SUPPLIED MATERIAL:
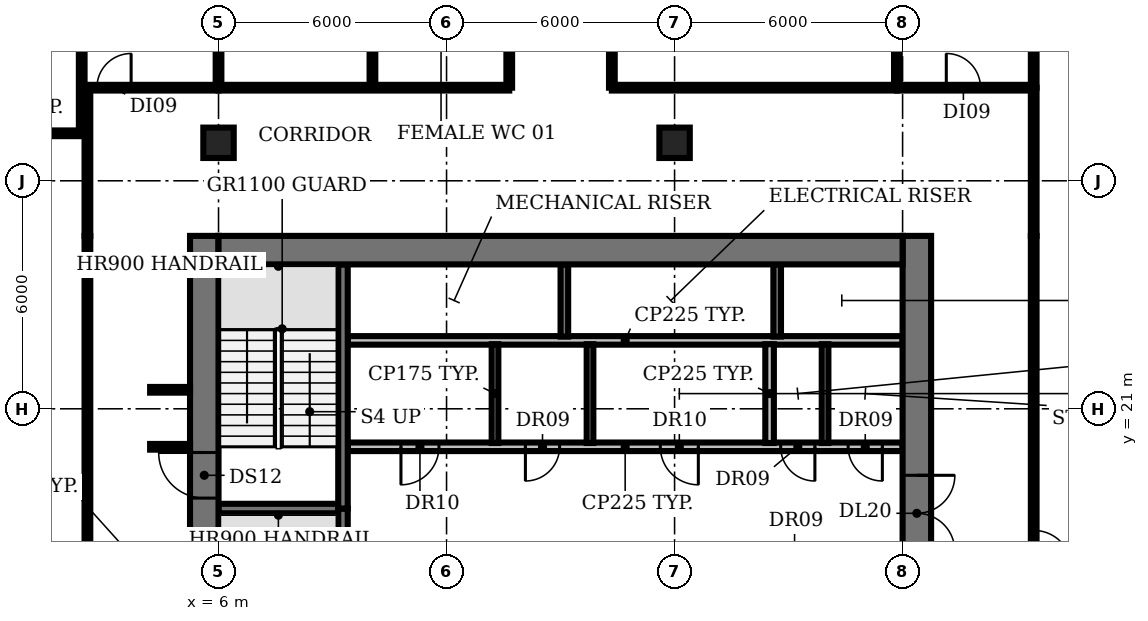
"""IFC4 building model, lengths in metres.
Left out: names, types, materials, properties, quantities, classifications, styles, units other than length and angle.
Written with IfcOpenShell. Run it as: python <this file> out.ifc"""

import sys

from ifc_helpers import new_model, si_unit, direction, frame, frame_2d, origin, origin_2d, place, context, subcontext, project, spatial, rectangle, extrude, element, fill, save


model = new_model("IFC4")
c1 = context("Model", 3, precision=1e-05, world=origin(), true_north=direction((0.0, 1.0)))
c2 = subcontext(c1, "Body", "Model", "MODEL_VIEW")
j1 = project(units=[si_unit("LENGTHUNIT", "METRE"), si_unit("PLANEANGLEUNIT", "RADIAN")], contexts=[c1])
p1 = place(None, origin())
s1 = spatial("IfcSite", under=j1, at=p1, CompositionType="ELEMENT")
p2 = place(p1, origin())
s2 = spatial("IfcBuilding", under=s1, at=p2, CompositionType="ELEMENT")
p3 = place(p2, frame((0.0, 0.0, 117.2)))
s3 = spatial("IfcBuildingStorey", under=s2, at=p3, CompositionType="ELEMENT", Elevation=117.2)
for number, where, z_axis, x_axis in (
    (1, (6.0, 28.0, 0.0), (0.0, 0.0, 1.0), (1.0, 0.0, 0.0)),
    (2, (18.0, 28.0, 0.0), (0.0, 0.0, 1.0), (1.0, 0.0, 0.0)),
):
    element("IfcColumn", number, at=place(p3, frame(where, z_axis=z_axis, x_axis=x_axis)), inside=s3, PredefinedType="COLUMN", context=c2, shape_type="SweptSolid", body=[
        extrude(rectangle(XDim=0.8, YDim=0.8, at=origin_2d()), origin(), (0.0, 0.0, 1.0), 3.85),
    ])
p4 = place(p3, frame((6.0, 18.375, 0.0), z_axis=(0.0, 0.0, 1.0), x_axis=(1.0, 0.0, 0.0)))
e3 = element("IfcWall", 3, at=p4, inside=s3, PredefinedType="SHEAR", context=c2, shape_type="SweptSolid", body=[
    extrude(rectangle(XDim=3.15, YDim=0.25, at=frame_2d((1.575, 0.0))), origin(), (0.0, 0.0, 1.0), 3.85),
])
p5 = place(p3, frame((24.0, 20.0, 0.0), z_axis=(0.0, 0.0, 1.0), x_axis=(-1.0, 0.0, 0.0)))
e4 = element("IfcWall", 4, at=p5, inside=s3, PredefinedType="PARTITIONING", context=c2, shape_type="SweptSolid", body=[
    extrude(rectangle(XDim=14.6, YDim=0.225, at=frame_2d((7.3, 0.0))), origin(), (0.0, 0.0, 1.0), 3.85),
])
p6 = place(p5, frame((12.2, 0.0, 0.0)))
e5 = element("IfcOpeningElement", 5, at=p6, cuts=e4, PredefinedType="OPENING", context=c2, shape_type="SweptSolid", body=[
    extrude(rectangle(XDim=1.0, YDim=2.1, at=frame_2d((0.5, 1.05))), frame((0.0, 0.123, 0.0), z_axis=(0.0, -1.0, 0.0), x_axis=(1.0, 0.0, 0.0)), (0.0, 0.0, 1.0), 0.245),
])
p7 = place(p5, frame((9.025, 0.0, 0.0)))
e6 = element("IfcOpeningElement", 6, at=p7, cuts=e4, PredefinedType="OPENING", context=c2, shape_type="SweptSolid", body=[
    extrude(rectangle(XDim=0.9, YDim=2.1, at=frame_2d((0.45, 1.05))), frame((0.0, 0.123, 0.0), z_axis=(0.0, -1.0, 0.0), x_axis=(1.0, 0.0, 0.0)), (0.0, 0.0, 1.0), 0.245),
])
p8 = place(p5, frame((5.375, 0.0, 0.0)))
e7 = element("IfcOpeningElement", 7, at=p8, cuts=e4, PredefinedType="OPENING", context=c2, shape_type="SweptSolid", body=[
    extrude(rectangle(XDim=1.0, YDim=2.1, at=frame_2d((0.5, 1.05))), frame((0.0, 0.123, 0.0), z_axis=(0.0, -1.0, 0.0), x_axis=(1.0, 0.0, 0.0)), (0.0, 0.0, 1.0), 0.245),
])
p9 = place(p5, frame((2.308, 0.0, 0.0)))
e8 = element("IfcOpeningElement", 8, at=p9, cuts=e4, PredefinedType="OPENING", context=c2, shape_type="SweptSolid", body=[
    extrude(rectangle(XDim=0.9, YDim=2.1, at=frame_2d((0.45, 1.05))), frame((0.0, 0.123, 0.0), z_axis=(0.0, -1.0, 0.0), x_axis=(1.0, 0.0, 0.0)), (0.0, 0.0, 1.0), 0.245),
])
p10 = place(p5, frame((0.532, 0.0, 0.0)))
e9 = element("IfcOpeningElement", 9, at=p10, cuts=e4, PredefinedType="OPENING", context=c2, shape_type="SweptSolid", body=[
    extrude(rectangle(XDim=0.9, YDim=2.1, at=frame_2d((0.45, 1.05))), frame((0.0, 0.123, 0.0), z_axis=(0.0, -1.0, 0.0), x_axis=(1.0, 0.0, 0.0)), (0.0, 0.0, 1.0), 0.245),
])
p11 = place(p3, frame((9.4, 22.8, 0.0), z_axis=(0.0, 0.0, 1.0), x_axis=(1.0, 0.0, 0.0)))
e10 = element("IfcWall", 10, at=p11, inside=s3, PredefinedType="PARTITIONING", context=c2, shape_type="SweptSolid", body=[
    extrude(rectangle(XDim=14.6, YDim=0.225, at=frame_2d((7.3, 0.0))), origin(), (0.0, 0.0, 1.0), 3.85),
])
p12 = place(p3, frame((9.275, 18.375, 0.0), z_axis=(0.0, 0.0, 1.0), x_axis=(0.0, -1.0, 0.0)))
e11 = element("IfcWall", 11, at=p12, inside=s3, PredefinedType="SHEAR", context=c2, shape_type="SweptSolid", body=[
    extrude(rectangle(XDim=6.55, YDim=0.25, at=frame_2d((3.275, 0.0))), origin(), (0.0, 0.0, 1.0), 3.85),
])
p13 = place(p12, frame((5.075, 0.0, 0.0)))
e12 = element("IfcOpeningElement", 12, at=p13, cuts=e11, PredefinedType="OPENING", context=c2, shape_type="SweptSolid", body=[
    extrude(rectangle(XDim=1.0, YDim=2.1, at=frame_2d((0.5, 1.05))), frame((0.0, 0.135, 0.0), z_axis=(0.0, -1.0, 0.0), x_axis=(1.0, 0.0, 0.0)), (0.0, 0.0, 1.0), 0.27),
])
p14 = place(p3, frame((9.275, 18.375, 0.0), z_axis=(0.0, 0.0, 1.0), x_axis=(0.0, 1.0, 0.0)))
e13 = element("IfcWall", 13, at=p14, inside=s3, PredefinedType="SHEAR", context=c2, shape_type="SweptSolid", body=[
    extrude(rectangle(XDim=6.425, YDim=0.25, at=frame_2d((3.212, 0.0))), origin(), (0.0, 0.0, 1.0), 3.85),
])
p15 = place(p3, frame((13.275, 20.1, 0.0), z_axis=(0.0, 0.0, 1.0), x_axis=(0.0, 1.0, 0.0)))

WHAT NEEDS TO BE DONE: The expected answer is the whole listing above, copied exactly, with images excluded.

SOLUTION TO THE PROBLEM:
"""IFC4 building model, lengths in metres.
Left out: names, types, materials, properties, quantities, classifications, styles, units other than length and angle.
Written with IfcOpenShell. Run it as: python <this file> out.ifc"""

import sys

from ifc_helpers import new_model, si_unit, direction, frame, frame_2d, origin, origin_2d, place, context, subcontext, project, spatial, rectangle, extrude, element, fill, save


model = new_model("IFC4")
c1 = context("Model", 3, precision=1e-05, world=origin(), true_north=direction((0.0, 1.0)))
c2 = subcontext(c1, "Body", "Model", "MODEL_VIEW")
j1 = project(units=[si_unit("LENGTHUNIT", "METRE"), si_unit("PLANEANGLEUNIT", "RADIAN")], contexts=[c1])
p1 = place(None, origin())
s1 = spatial("IfcSite", under=j1, at=p1, CompositionType="ELEMENT")
p2 = place(p1, origin())
s2 = spatial("IfcBuilding", under=s1, at=p2, CompositionType="ELEMENT")
p3 = place(p2, frame((0.0, 0.0, 117.2)))
s3 = spatial("IfcBuildingStorey", under=s2, at=p3, CompositionType="ELEMENT", Elevation=117.2)
for number, where, z_axis, x_axis in (
    (1, (6.0, 28.0, 0.0), (0.0, 0.0, 1.0), (1.0, 0.0, 0.0)),
    (2, (18.0, 28.0, 0.0), (0.0, 0.0, 1.0), (1.0, 0.0, 0.0)),
):
    element("IfcColumn", number, at=place(p3, frame(where, z_axis=z_axis, x_axis=x_axis)), inside=s3, PredefinedType="COLUMN", context=c2, shape_type="SweptSolid", body=[
        extrude(rectangle(XDim=0.8, YDim=0.8, at=origin_2d()), origin(), (0.0, 0.0, 1.0), 3.85),
    ])
p4 = place(p3, frame((6.0, 18.375, 0.0), z_axis=(0.0, 0.0, 1.0), x_axis=(1.0, 0.0, 0.0)))
e3 = element("IfcWall", 3, at=p4, inside=s3, PredefinedType="SHEAR", context=c2, shape_type="SweptSolid", body=[
    extrude(rectangle(XDim=3.15, YDim=0.25, at=frame_2d((1.575, 0.0))), origin(), (0.0, 0.0, 1.0), 3.85),
])
p5 = place(p3, frame((24.0, 20.0, 0.0), z_axis=(0.0, 0.0, 1.0), x_axis=(-1.0, 0.0, 0.0)))
e4 = element("IfcWall", 4, at=p5, inside=s3, PredefinedType="PARTITIONING", context=c2, shape_type="SweptSolid", body=[
    extrude(rectangle(XDim=14.6, YDim=0.225, at=frame_2d((7.3, 0.0))), origin(), (0.0, 0.0, 1.0), 3.85),
])
p6 = place(p5, frame((12.2, 0.0, 0.0)))
e5 = element("IfcOpeningElement", 5, at=p6, cuts=e4, PredefinedType="OPENING", context=c2, shape_type="SweptSolid", body=[
    extrude(rectangle(XDim=1.0, YDim=2.1, at=frame_2d((0.5, 1.05))), frame((0.0, 0.123, 0.0), z_axis=(0.0, -1.0, 0.0), x_axis=(1.0, 0.0, 0.0)), (0.0, 0.0, 1.0), 0.245),
])
p7 = place(p5, frame((9.025, 0.0, 0.0)))
e6 = element("IfcOpeningElement", 6, at=p7, cuts=e4, PredefinedType="OPENING", context=c2, shape_type="SweptSolid", body=[
    extrude(rectangle(XDim=0.9, YDim=2.1, at=frame_2d((0.45, 1.05))), frame((0.0, 0.123, 0.0), z_axis=(0.0, -1.0, 0.0), x_axis=(1.0, 0.0, 0.0)), (0.0, 0.0, 1.0), 0.245),
])
p8 = place(p5, frame((5.375, 0.0, 0.0)))
e7 = element("IfcOpeningElement", 7, at=p8, cuts=e4, PredefinedType="OPENING", context=c2, shape_type="SweptSolid", body=[
    extrude(rectangle(XDim=1.0, YDim=2.1, at=frame_2d((0.5, 1.05))), frame((0.0, 0.123, 0.0), z_axis=(0.0, -1.0, 0.0), x_axis=(1.0, 0.0, 0.0)), (0.0, 0.0, 1.0), 0.245),
])
p9 = place(p5, frame((2.308, 0.0, 0.0)))
e8 = element("IfcOpeningElement", 8, at=p9, cuts=e4, PredefinedType="OPENING", context=c2, shape_type="SweptSolid", body=[
    extrude(rectangle(XDim=0.9, YDim=2.1, at=frame_2d((0.45, 1.05))), frame((0.0, 0.123, 0.0), z_axis=(0.0, -1.0, 0.0), x_axis=(1.0, 0.0, 0.0)), (0.0, 0.0, 1.0), 0.245),
])
p10 = place(p5, frame((0.532, 0.0, 0.0)))
e9 = element("IfcOpeningElement", 9, at=p10, cuts=e4, PredefinedType="OPENING", context=c2, shape_type="SweptSolid", body=[
    extrude(rectangle(XDim=0.9, YDim=2.1, at=frame_2d((0.45, 1.05))), frame((0.0, 0.123, 0.0), z_axis=(0.0, -1.0, 0.0), x_axis=(1.0, 0.0, 0.0)), (0.0, 0.0, 1.0), 0.245),
])
p11 = place(p3, frame((9.4, 22.8, 0.0), z_axis=(0.0, 0.0, 1.0), x_axis=(1.0, 0.0, 0.0)))
e10 = element("IfcWall", 10, at=p11, inside=s3, PredefinedType="PARTITIONING", context=c2, shape_type="SweptSolid", body=[
    extrude(rectangle(XDim=14.6, YDim=0.225, at=frame_2d((7.3, 0.0))), origin(), (0.0, 0.0, 1.0), 3.85),
])
p12 = place(p3, frame((9.275, 18.375, 0.0), z_axis=(0.0, 0.0, 1.0), x_axis=(0.0, -1.0, 0.0)))
e11 = element("IfcWall", 11, at=p12, inside=s3, PredefinedType="SHEAR", context=c2, shape_type="SweptSolid", body=[
    extrude(rectangle(XDim=6.55, YDim=0.25, at=frame_2d((3.275, 0.0))), origin(), (0.0, 0.0, 1.0), 3.85),
])
p13 = place(p12, frame((5.075, 0.0, 0.0)))
e12 = element("IfcOpeningElement", 12, at=p13, cuts=e11, PredefinedType="OPENING", context=c2, shape_type="SweptSolid", body=[
    extrude(rectangle(XDim=1.0, YDim=2.1, at=frame_2d((0.5, 1.05))), frame((0.0, 0.135, 0.0), z_axis=(0.0, -1.0, 0.0), x_axis=(1.0, 0.0, 0.0)), (0.0, 0.0, 1.0), 0.27),
])
p14 = place(p3, frame((9.275, 18.375, 0.0), z_axis=(0.0, 0.0, 1.0), x_axis=(0.0, 1.0, 0.0)))
e13 = element("IfcWall", 13, at=p14, inside=s3, PredefinedType="SHEAR", context=c2, shape_type="SweptSolid", body=[
    extrude(rectangle(XDim=6.425, YDim=0.25, at=frame_2d((3.212, 0.0))), origin(), (0.0, 0.0, 1.0), 3.85),
])
p15 = place(p3, frame((13.275, 20.1, 0.0), z_axis=(0.0, 0.0, 1.0), x_axis=(0.0, 1.0, 0.0)))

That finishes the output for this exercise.